> _WHAT YOU HAVE TO DO_
Copy the line with "1007300 = 0.104167 (stored number, unit not read)" and all lines following it through the last line of the entries, exactly as written.
___ DATA
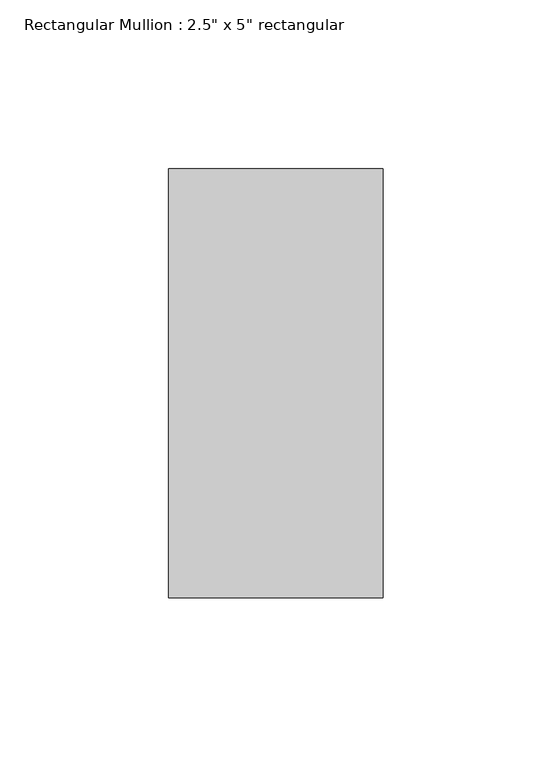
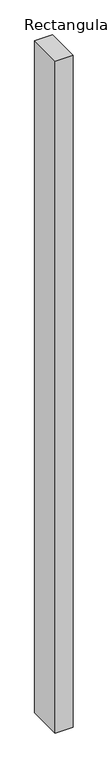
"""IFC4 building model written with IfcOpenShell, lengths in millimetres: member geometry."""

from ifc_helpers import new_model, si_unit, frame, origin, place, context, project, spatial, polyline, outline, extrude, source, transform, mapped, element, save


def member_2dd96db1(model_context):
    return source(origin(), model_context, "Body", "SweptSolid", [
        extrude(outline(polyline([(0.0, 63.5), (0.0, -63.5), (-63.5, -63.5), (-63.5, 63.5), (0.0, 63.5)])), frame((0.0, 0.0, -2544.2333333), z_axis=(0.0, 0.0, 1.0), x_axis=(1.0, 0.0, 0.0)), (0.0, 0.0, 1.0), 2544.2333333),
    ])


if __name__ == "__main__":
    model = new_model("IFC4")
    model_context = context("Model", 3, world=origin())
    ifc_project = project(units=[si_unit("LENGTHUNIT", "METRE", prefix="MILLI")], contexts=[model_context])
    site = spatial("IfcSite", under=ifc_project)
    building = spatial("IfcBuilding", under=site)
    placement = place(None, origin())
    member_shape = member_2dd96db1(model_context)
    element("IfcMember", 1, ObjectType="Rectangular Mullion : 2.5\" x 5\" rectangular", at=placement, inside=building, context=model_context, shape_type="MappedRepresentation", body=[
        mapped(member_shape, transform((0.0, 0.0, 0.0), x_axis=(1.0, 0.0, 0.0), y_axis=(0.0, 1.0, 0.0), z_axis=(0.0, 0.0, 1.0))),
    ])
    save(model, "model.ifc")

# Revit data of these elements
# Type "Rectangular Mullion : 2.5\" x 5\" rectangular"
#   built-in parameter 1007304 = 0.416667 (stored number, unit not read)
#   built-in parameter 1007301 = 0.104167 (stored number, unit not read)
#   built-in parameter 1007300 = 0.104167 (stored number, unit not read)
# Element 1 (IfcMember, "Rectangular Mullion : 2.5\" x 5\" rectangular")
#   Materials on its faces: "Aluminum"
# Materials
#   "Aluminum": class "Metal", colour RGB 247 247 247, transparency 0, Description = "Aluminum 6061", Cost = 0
______
> _TASK OUTPUT_
#   built-in parameter 1007300 = 0.104167 (stored number, unit not read)
# Element 1 (IfcMember, "Rectangular Mullion : 2.5\" x 5\" rectangular")
#   Materials on its faces: "Aluminum"
# Materials
#   "Aluminum": class "Metal", colour RGB 247 247 247, transparency 0, Description = "Aluminum 6061", Cost = 0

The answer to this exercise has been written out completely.